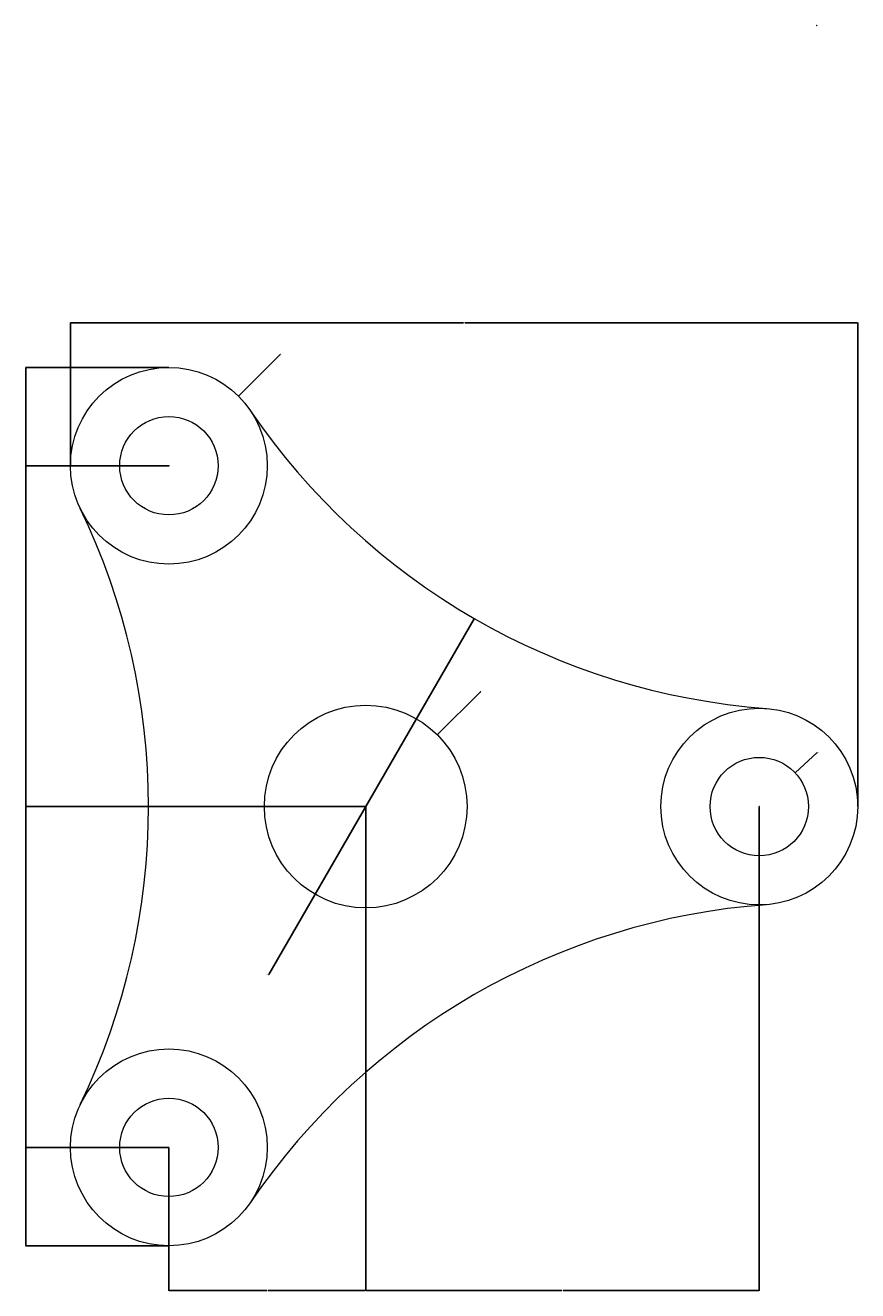
# Model space of a CAD drawing. Units: millimetres. Extents: x -15 to 2550, y 1225 to 3403.
# Tile 2 of 2: x 2127 to 2550, y 1225 to 1868. Entities that reach past the tile are written whole.
import ezdxf

# ---------------------------------------------------------------- set-up
doc = ezdxf.new("R2010")
doc.units = ezdxf.units.MM
doc.layers.add('M-CONS', color=7, linetype='Continuous', lineweight=18)
doc.layers.add('M-DIMS', color=2, linetype='Continuous', lineweight=18)
doc.styles.get("Standard").update_dxf_attribs({"font": 'arial.ttf'})
doc.dimstyles.get("Standard").update_dxf_attribs({"dimtxt": 0.18, "dimasz": 0.18, "dimexe": 0.18, "dimexo": 0.0625, "dimgap": 0.09, "dimtad": 0, "dimtih": 1, "dimtoh": 1, "dimdec": 4, "dimzin": 0, "dimdsep": 46, "dimtxsty": 'Standard', "dimcen": 0.09, "dimadec": 0, "dimazin": 0, "dimtfac": 1, "dimtdec": 4, "dimtofl": 0, "dimtmove": 0, "dimatfit": 3, "dimfxl": 1, "dimtolj": 1, "dimtzin": 0, "dimarcsym": 0})

# ---------------------------------------------------------------- blocks, each defined once
blk = doc.blocks.new('BOSS-PROFILE-100X50')
for radius in [50, 25]:
    blk.add_circle((0, 0), radius)
blk = doc.blocks.new('*D4')
at = {"layer": 'Defpoints', "color": 0, "transparency": 16777216}
for p in [(2300.25, 1471.27), (2200.25, 1298.06), (2300.25, 1225.41)]:
    blk.add_point(p, dxfattribs=at)
at = {"layer": 'M-DIMS', "color": 0, "lineweight": -2, "transparency": 16777216}
for p, q in [((2300.25, 1471.21), (2300.25, 1225.23)), ((2200.25, 1298), (2200.25, 1225.23)), ((2200.43, 1225.41), (2249.97, 1225.41)), ((2300.07, 1225.41), (2250.53, 1225.41))]:
    blk.add_line(p, q, dxfattribs=at)
at = {"layer": 'M-DIMS', "color": 0, "transparency": 16777216}
for points in [[(2200.43, 1225.44), (2200.43, 1225.38), (2200.25, 1225.41)], [(2300.07, 1225.44), (2300.07, 1225.38), (2300.25, 1225.41)]]:
    blk.add_solid(points, dxfattribs=at)
at = {"layer": 'M-DIMS', "color": 0, "transparency": 16777216, "insert": (2250.25, 1225.41), "char_height": 0.18, "attachment_point": 5}
blk.add_mtext('\\A1;100', dxfattribs=at)
blk = doc.blocks.new('*D5')
at = {"layer": 'Defpoints', "color": 0, "transparency": 16777216}
for p in [(2300.25, 1471.27), (2500.25, 1471.27), (2500.25, 1225.41)]:
    blk.add_point(p, dxfattribs=at)
at = {"layer": 'M-DIMS', "color": 0, "lineweight": -2, "transparency": 16777216}
for p, q in [((2300.25, 1471.21), (2300.25, 1225.23)), ((2500.25, 1471.21), (2500.25, 1225.23)), ((2300.43, 1225.41), (2399.96, 1225.41)), ((2500.07, 1225.41), (2400.54, 1225.41))]:
    blk.add_line(p, q, dxfattribs=at)
at = {"layer": 'M-DIMS', "color": 0, "transparency": 16777216}
for points in [[(2300.43, 1225.44), (2300.43, 1225.38), (2300.25, 1225.41)], [(2500.07, 1225.44), (2500.07, 1225.38), (2500.25, 1225.41)]]:
    blk.add_solid(points, dxfattribs=at)
at = {"layer": 'M-DIMS', "color": 0, "transparency": 16777216, "insert": (2400.25, 1225.41), "char_height": 0.18, "attachment_point": 5}
blk.add_mtext('\\A1;200', dxfattribs=at)
blk = doc.blocks.new('*D6')
at = {"layer": 'Defpoints', "color": 0, "transparency": 16777216}
for p in [(2127.6, 1471.27), (2300.25, 1471.27), (2200.25, 1298.06)]:
    blk.add_point(p, dxfattribs=at)
at = {"layer": 'M-DIMS', "color": 0, "lineweight": -2, "transparency": 16777216}
for p, q in [((2300.19, 1471.27), (2127.42, 1471.27)), ((2127.6, 1471.09), (2127.6, 1384.85)), ((2127.6, 1298.24), (2127.6, 1384.48)), ((2200.19, 1298.06), (2127.42, 1298.06))]:
    blk.add_line(p, q, dxfattribs=at)
at = {"layer": 'M-DIMS', "color": 0, "transparency": 16777216}
for points in [[(2127.57, 1471.09), (2127.63, 1471.09), (2127.6, 1471.27)], [(2127.57, 1298.24), (2127.63, 1298.24), (2127.6, 1298.06)]]:
    blk.add_solid(points, dxfattribs=at)
at = {"layer": 'M-DIMS', "color": 0, "transparency": 16777216, "insert": (2127.6, 1384.67), "char_height": 0.18, "attachment_point": 5}
blk.add_mtext('\\A1;173.2', dxfattribs=at)
blk = doc.blocks.new('*D7')
at = {"layer": 'Defpoints', "color": 0, "transparency": 16777216}
for p in [(2127.6, 1644.47), (2200.25, 1644.47), (2300.25, 1471.27)]:
    blk.add_point(p, dxfattribs=at)
at = {"layer": 'M-DIMS', "color": 0, "lineweight": -2, "transparency": 16777216}
for p, q in [((2200.19, 1644.47), (2127.42, 1644.47)), ((2127.6, 1644.29), (2127.6, 1558.05)), ((2127.6, 1471.45), (2127.6, 1557.69)), ((2300.19, 1471.27), (2127.42, 1471.27))]:
    blk.add_line(p, q, dxfattribs=at)
at = {"layer": 'M-DIMS', "color": 0, "transparency": 16777216}
for points in [[(2127.57, 1644.29), (2127.63, 1644.29), (2127.6, 1644.47)], [(2127.57, 1471.45), (2127.63, 1471.45), (2127.6, 1471.27)]]:
    blk.add_solid(points, dxfattribs=at)
at = {"layer": 'M-DIMS', "color": 0, "transparency": 16777216, "insert": (2127.6, 1557.87), "char_height": 0.18, "attachment_point": 5}
blk.add_mtext('\\A1;173.2', dxfattribs=at)
blk = doc.blocks.new('*D8')
at = {"layer": 'Defpoints', "color": 0, "transparency": 16777216}
for p in [(2550.25, 1717.12), (2150.25, 1644.47), (2550.25, 1471.27)]:
    blk.add_point(p, dxfattribs=at)
at = {"layer": 'M-DIMS', "color": 0, "lineweight": -2, "transparency": 16777216}
for p, q in [((2150.25, 1644.54), (2150.25, 1717.3)), ((2150.43, 1717.12), (2349.96, 1717.12)), ((2550.07, 1717.12), (2350.55, 1717.12)), ((2550.25, 1471.33), (2550.25, 1717.3))]:
    blk.add_line(p, q, dxfattribs=at)
at = {"layer": 'M-DIMS', "color": 0, "transparency": 16777216}
for points in [[(2150.43, 1717.15), (2150.43, 1717.09), (2150.25, 1717.12)], [(2550.07, 1717.15), (2550.07, 1717.09), (2550.25, 1717.12)]]:
    blk.add_solid(points, dxfattribs=at)
at = {"layer": 'M-DIMS', "color": 0, "transparency": 16777216, "insert": (2350.25, 1717.12), "char_height": 0.18, "attachment_point": 5}
blk.add_mtext('\\A1;400', dxfattribs=at)
blk = doc.blocks.new('*D9')
at = {"layer": 'Defpoints', "color": 0, "transparency": 16777216}
for p in [(2127.6, 1694.47), (2200.25, 1694.47), (2200.25, 1248.06)]:
    blk.add_point(p, dxfattribs=at)
at = {"layer": 'M-DIMS', "color": 0, "lineweight": -2, "transparency": 16777216}
for p, q in [((2200.19, 1694.47), (2127.42, 1694.47)), ((2127.6, 1694.29), (2127.6, 1471.45)), ((2127.6, 1248.24), (2127.6, 1471.09)), ((2200.19, 1248.06), (2127.42, 1248.06))]:
    blk.add_line(p, q, dxfattribs=at)
at = {"layer": 'M-DIMS', "color": 0, "transparency": 16777216}
for points in [[(2127.57, 1694.29), (2127.63, 1694.29), (2127.6, 1694.47)], [(2127.57, 1248.24), (2127.63, 1248.24), (2127.6, 1248.06)]]:
    blk.add_solid(points, dxfattribs=at)
at = {"layer": 'M-DIMS', "color": 0, "transparency": 16777216, "insert": (2127.6, 1471.27), "char_height": 0.18, "attachment_point": 5}
blk.add_mtext('\\A1;446.4', dxfattribs=at)
blk = doc.blocks.new('*D14')
at = {"layer": 'Defpoints', "color": 0, "transparency": 16777216}
for p in [(2529.42, 1868.2), (2355.42, 1566.82)]:
    blk.add_point(p, dxfattribs=at)
at = {"layer": 'M-DIMS', "color": 0, "lineweight": -2, "transparency": 16777216}
for p, q in [((2529.33, 1868.2), (2529.51, 1868.2)), ((2529.42, 1868.11), (2529.42, 1868.29)), ((2251.02, 1385.99), (2355.33, 1566.67)), ((2250.84, 1385.99), (2251.02, 1385.99))]:
    blk.add_line(p, q, dxfattribs=at)
at = {"layer": 'M-DIMS', "color": 0, "transparency": 16777216}
blk.add_solid([(2355.31, 1566.68), (2355.36, 1566.65), (2355.42, 1566.82)], dxfattribs=at)
at = {"layer": 'M-DIMS', "color": 0, "transparency": 16777216, "insert": (2250.27, 1385.99), "char_height": 0.18, "attachment_point": 5}
blk.add_mtext('\\A1;3X R348', dxfattribs=at)
blk = doc.blocks.new('*D15')
at = {"layer": 'Defpoints', "color": 0, "transparency": 16777216}
for p in [(2336.67, 1507.68), (2263.83, 1434.85)]:
    blk.add_point(p, dxfattribs=at)
at = {"layer": 'M-DIMS', "color": 0, "lineweight": -2, "transparency": 16777216}
for p, q in [((2358.52, 1529.53), (2336.8, 1507.81)), ((2358.7, 1529.53), (2358.52, 1529.53)), ((2300.16, 1471.27), (2300.34, 1471.27)), ((2300.25, 1471.18), (2300.25, 1471.36))]:
    blk.add_line(p, q, dxfattribs=at)
at = {"layer": 'M-DIMS', "color": 0, "transparency": 16777216}
blk.add_solid([(2336.78, 1507.83), (2336.82, 1507.79), (2336.67, 1507.68)], dxfattribs=at)
at = {"layer": 'M-DIMS', "color": 0, "transparency": 16777216, "insert": (2359.09, 1529.53), "char_height": 0.18, "attachment_point": 5}
blk.add_mtext('\\A1;∅103', dxfattribs=at)
blk = doc.blocks.new('*D16')
at = {"layer": 'Defpoints', "color": 0, "transparency": 16777216}
for p in [(2235.61, 1679.83), (2164.9, 1609.12)]:
    blk.add_point(p, dxfattribs=at)
at = {"layer": 'M-DIMS', "color": 0, "lineweight": -2, "transparency": 16777216}
for p, q in [((2256.82, 1701.04), (2235.74, 1679.96)), ((2257, 1701.04), (2256.82, 1701.04)), ((2200.16, 1644.47), (2200.34, 1644.47)), ((2200.25, 1644.38), (2200.25, 1644.56))]:
    blk.add_line(p, q, dxfattribs=at)
at = {"layer": 'M-DIMS', "color": 0, "transparency": 16777216}
blk.add_solid([(2235.71, 1679.98), (2235.76, 1679.93), (2235.61, 1679.83)], dxfattribs=at)
at = {"layer": 'M-DIMS', "color": 0, "transparency": 16777216, "insert": (2257.58, 1701.04), "char_height": 0.18, "attachment_point": 5}
blk.add_mtext('\\A1;3X ∅100', dxfattribs=at)
blk = doc.blocks.new('*D17')
at = {"layer": 'Defpoints', "color": 0, "transparency": 16777216}
for p in [(2518.48, 1488.38), (2482.03, 1454.16)]:
    blk.add_point(p, dxfattribs=at)
at = {"layer": 'M-DIMS', "color": 0, "lineweight": -2, "transparency": 16777216}
for p, q in [((2529.41, 1498.65), (2518.61, 1488.5)), ((2529.59, 1498.65), (2529.41, 1498.65)), ((2500.16, 1471.27), (2500.34, 1471.27)), ((2500.25, 1471.18), (2500.25, 1471.36))]:
    blk.add_line(p, q, dxfattribs=at)
at = {"layer": 'M-DIMS', "color": 0, "transparency": 16777216}
blk.add_solid([(2518.59, 1488.53), (2518.63, 1488.48), (2518.48, 1488.38)], dxfattribs=at)
at = {"layer": 'M-DIMS', "color": 0, "transparency": 16777216, "insert": (2530.1, 1498.65), "char_height": 0.18, "attachment_point": 5}
blk.add_mtext('\\A1;3X ∅50', dxfattribs=at)

msp = doc.modelspace()

# ---------------------------------------------------------------- linework, layer by layer
at = {"layer": 'M-CONS'}
msp.add_circle((2300.253, 1471.268), 51.5, dxfattribs=at)
for centre, start, end in [((2529.421, 1868.198), 214.202702, 265.797298), ((1841.918, 1471.268), 334.202702, 25.797298), ((2529.421, 1074.338), 94.202702, 145.797298)]:
    msp.add_arc(centre, 348, start, end, dxfattribs=at)

# ---------------------------------------------------------------- block references
for p in [(2200.253, 1644.473), (2500.253, 1471.268), (2200.253, 1298.063)]:
    msp.add_blockref('BOSS-PROFILE-100X50', p, dxfattribs=at)

# ---------------------------------------------------------------- dimensions: what is measured, and where the dimension line sits
at = {"layer": 'M-DIMS'}
dim = msp.add_radius_dim(center=(2529.421, 1868.198), mpoint=(2355.421, 1566.821), text='3X <>', dimstyle='Standard', override={"dimdec": 0, "dimlfac": 1, "dimrnd": 0, "dimzin": 0, "dimdsep": 46, "dimlunit": 2}, dxfattribs=at)
dim.commit()
dim.dimension.update_dxf_attribs({"geometry": '*D14', "text_midpoint": (2250.273, 1385.995), "dimtype": 164})
for base, p1, p2, picture, middle in [((2550.253, 1717.123), (2150.253, 1644.473), (2550.253, 1471.268), '*D8', (2350.253, 1717.123)), ((2300.253, 1225.413), (2200.253, 1298.063), (2300.253, 1471.268), '*D4', (2250.253, 1225.413)), ((2500.253, 1225.413), (2300.253, 1471.268), (2500.253, 1471.268), '*D5', (2400.253, 1225.413))]:
    dim = msp.add_linear_dim(base=base, p1=p1, p2=p2, dimstyle='Standard', override={"dimdec": 0, "dimlfac": 1, "dimrnd": 0, "dimzin": 0, "dimdsep": 46, "dimlunit": 2}, dxfattribs=at)
    dim.commit()
    dim.dimension.update_dxf_attribs({"geometry": picture, "text_midpoint": middle})
for p1, p2, picture, middle in [((2164.898, 1609.118), (2235.609, 1679.829), '*D16', (2257.577, 1701.042)), ((2482.028, 1454.156), (2518.479, 1488.38), '*D17', (2530.1, 1498.648))]:
    dim = msp.add_diameter_dim_2p(p1=p1, p2=p2, text='3X <>', dimstyle='Standard', override={"dimdec": 0, "dimlfac": 1, "dimrnd": 0, "dimzin": 0, "dimdsep": 46, "dimlunit": 2}, dxfattribs=at)
    dim.commit()
    dim.dimension.update_dxf_attribs({"geometry": picture, "text_midpoint": middle, "dimtype": 163})
for base, p1, p2, picture, middle in [((2127.603, 1694.473), (2200.253, 1248.063), (2200.253, 1694.473), '*D9', (2127.603, 1471.268)), ((2127.603, 1644.473), (2300.253, 1471.268), (2200.253, 1644.473), '*D7', (2127.603, 1557.871)), ((2127.603, 1471.268), (2200.253, 1298.063), (2300.253, 1471.268), '*D6', (2127.603, 1384.666))]:
    dim = msp.add_linear_dim(base=base, p1=p1, p2=p2, angle=90, dimstyle='Standard', override={"dimdec": 1, "dimlfac": 1, "dimrnd": 0, "dimzin": 0, "dimdsep": 46, "dimlunit": 2}, dxfattribs=at)
    dim.commit()
    dim.dimension.update_dxf_attribs({"geometry": picture, "text_midpoint": middle})
dim = msp.add_diameter_dim_2p(p1=(2263.835, 1434.855), p2=(2336.672, 1507.682), dimstyle='Standard', override={"dimdec": 0, "dimlfac": 1, "dimrnd": 0, "dimzin": 0, "dimdsep": 46, "dimlunit": 2}, dxfattribs=at)
dim.commit()
dim.dimension.update_dxf_attribs({"geometry": '*D15', "text_midpoint": (2359.09, 1529.53), "dimtype": 163})

doc.saveas('drawing.dxf')

What the exercise asks – Please output exactly the lines of the data above, from its first line through the line with "color=7, linetype='Continuous', lineweight=18)", and nothing else; drop the pictures.

Answer to the exercise –
# Model space of a CAD drawing. Units: millimetres. Extents: x -15 to 2550, y 1225 to 3403.
# Tile 2 of 2: x 2127 to 2550, y 1225 to 1868. Entities that reach past the tile are written whole.
import ezdxf

# ---------------------------------------------------------------- set-up
doc = ezdxf.new("R2010")
doc.units = ezdxf.units.MM
doc.layers.add('M-CONS', color=7, linetype='Continuous', lineweight=18)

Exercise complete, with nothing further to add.